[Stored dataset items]
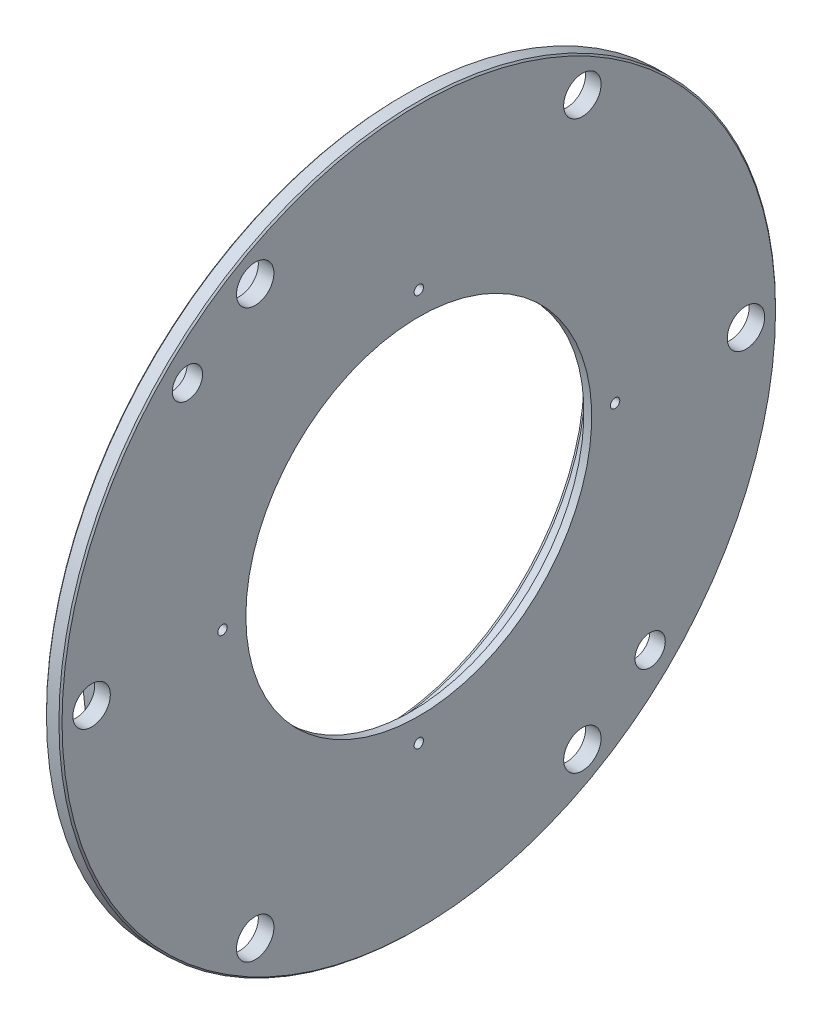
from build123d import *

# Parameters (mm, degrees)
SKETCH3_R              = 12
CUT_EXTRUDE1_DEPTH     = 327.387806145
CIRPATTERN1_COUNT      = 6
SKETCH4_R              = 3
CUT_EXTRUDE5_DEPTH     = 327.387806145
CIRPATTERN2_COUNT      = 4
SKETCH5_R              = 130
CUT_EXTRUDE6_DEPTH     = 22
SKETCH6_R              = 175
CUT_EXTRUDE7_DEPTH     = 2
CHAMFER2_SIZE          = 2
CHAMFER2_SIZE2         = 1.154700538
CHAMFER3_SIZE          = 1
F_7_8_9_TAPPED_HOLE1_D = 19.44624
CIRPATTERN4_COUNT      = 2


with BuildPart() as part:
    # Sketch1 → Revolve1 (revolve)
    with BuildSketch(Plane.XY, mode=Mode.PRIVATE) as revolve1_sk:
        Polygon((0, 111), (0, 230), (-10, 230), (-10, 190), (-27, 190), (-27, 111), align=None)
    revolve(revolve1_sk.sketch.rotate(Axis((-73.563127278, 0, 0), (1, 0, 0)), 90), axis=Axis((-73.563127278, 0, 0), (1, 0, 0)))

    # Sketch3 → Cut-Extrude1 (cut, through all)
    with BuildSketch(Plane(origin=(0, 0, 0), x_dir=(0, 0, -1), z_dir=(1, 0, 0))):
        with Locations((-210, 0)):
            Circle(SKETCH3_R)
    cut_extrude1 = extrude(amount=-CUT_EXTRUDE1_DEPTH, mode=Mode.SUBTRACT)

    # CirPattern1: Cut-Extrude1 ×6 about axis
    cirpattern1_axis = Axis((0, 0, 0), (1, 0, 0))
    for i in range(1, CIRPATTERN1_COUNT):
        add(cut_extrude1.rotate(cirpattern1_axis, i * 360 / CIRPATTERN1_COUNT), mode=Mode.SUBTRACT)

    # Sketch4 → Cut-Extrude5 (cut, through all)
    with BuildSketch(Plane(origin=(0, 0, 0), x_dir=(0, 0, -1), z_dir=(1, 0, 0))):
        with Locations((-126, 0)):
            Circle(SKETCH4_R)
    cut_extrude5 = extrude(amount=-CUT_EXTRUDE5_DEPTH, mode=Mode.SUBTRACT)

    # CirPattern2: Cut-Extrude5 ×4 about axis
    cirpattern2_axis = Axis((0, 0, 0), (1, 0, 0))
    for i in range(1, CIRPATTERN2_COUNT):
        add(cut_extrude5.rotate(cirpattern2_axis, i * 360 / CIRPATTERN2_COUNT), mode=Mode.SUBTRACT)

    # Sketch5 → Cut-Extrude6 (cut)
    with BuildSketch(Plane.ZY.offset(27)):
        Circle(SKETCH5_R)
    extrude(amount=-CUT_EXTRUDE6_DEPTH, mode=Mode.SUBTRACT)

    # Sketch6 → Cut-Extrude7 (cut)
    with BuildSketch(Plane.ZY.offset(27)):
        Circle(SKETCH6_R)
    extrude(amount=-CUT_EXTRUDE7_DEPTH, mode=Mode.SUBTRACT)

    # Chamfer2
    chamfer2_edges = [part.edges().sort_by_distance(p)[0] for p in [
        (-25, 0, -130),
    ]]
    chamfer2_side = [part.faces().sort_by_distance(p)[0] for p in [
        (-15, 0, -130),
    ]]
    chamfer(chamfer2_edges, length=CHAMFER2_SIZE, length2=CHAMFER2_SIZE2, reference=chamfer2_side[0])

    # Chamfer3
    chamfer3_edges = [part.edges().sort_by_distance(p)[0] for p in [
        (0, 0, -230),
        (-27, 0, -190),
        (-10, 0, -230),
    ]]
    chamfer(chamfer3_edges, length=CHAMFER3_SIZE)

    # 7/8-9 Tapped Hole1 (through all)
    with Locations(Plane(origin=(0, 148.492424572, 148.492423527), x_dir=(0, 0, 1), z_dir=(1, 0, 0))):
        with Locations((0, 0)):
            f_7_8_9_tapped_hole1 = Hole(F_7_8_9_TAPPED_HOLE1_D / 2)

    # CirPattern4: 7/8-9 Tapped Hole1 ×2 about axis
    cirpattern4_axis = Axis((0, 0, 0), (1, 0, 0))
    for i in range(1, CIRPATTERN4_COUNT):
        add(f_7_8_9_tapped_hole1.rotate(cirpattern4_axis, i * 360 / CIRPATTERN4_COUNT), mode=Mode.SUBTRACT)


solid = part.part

:: EXERCISE PROMPT ::
Set every record down verbatim. No pictures belong in the copy.

:: RESPONSE FOR THIS EXERCISE ::
from build123d import *

# Parameters (mm, degrees)
SKETCH3_R              = 12
CUT_EXTRUDE1_DEPTH     = 327.387806145
CIRPATTERN1_COUNT      = 6
SKETCH4_R              = 3
CUT_EXTRUDE5_DEPTH     = 327.387806145
CIRPATTERN2_COUNT      = 4
SKETCH5_R              = 130
CUT_EXTRUDE6_DEPTH     = 22
SKETCH6_R              = 175
CUT_EXTRUDE7_DEPTH     = 2
CHAMFER2_SIZE          = 2
CHAMFER2_SIZE2         = 1.154700538
CHAMFER3_SIZE          = 1
F_7_8_9_TAPPED_HOLE1_D = 19.44624
CIRPATTERN4_COUNT      = 2


with BuildPart() as part:
    # Sketch1 → Revolve1 (revolve)
    with BuildSketch(Plane.XY, mode=Mode.PRIVATE) as revolve1_sk:
        Polygon((0, 111), (0, 230), (-10, 230), (-10, 190), (-27, 190), (-27, 111), align=None)
    revolve(revolve1_sk.sketch.rotate(Axis((-73.563127278, 0, 0), (1, 0, 0)), 90), axis=Axis((-73.563127278, 0, 0), (1, 0, 0)))

    # Sketch3 → Cut-Extrude1 (cut, through all)
    with BuildSketch(Plane(origin=(0, 0, 0), x_dir=(0, 0, -1), z_dir=(1, 0, 0))):
        with Locations((-210, 0)):
            Circle(SKETCH3_R)
    cut_extrude1 = extrude(amount=-CUT_EXTRUDE1_DEPTH, mode=Mode.SUBTRACT)

    # CirPattern1: Cut-Extrude1 ×6 about axis
    cirpattern1_axis = Axis((0, 0, 0), (1, 0, 0))
    for i in range(1, CIRPATTERN1_COUNT):
        add(cut_extrude1.rotate(cirpattern1_axis, i * 360 / CIRPATTERN1_COUNT), mode=Mode.SUBTRACT)

    # Sketch4 → Cut-Extrude5 (cut, through all)
    with BuildSketch(Plane(origin=(0, 0, 0), x_dir=(0, 0, -1), z_dir=(1, 0, 0))):
        with Locations((-126, 0)):
            Circle(SKETCH4_R)
    cut_extrude5 = extrude(amount=-CUT_EXTRUDE5_DEPTH, mode=Mode.SUBTRACT)

    # CirPattern2: Cut-Extrude5 ×4 about axis
    cirpattern2_axis = Axis((0, 0, 0), (1, 0, 0))
    for i in range(1, CIRPATTERN2_COUNT):
        add(cut_extrude5.rotate(cirpattern2_axis, i * 360 / CIRPATTERN2_COUNT), mode=Mode.SUBTRACT)

    # Sketch5 → Cut-Extrude6 (cut)
    with BuildSketch(Plane.ZY.offset(27)):
        Circle(SKETCH5_R)
    extrude(amount=-CUT_EXTRUDE6_DEPTH, mode=Mode.SUBTRACT)

    # Sketch6 → Cut-Extrude7 (cut)
    with BuildSketch(Plane.ZY.offset(27)):
        Circle(SKETCH6_R)
    extrude(amount=-CUT_EXTRUDE7_DEPTH, mode=Mode.SUBTRACT)

    # Chamfer2
    chamfer2_edges = [part.edges().sort_by_distance(p)[0] for p in [
        (-25, 0, -130),
    ]]
    chamfer2_side = [part.faces().sort_by_distance(p)[0] for p in [
        (-15, 0, -130),
    ]]
    chamfer(chamfer2_edges, length=CHAMFER2_SIZE, length2=CHAMFER2_SIZE2, reference=chamfer2_side[0])

    # Chamfer3
    chamfer3_edges = [part.edges().sort_by_distance(p)[0] for p in [
        (0, 0, -230),
        (-27, 0, -190),
        (-10, 0, -230),
    ]]
    chamfer(chamfer3_edges, length=CHAMFER3_SIZE)

    # 7/8-9 Tapped Hole1 (through all)
    with Locations(Plane(origin=(0, 148.492424572, 148.492423527), x_dir=(0, 0, 1), z_dir=(1, 0, 0))):
        with Locations((0, 0)):
            f_7_8_9_tapped_hole1 = Hole(F_7_8_9_TAPPED_HOLE1_D / 2)

    # CirPattern4: 7/8-9 Tapped Hole1 ×2 about axis
    cirpattern4_axis = Axis((0, 0, 0), (1, 0, 0))
    for i in range(1, CIRPATTERN4_COUNT):
        add(f_7_8_9_tapped_hole1.rotate(cirpattern4_axis, i * 360 / CIRPATTERN4_COUNT), mode=Mode.SUBTRACT)


solid = part.part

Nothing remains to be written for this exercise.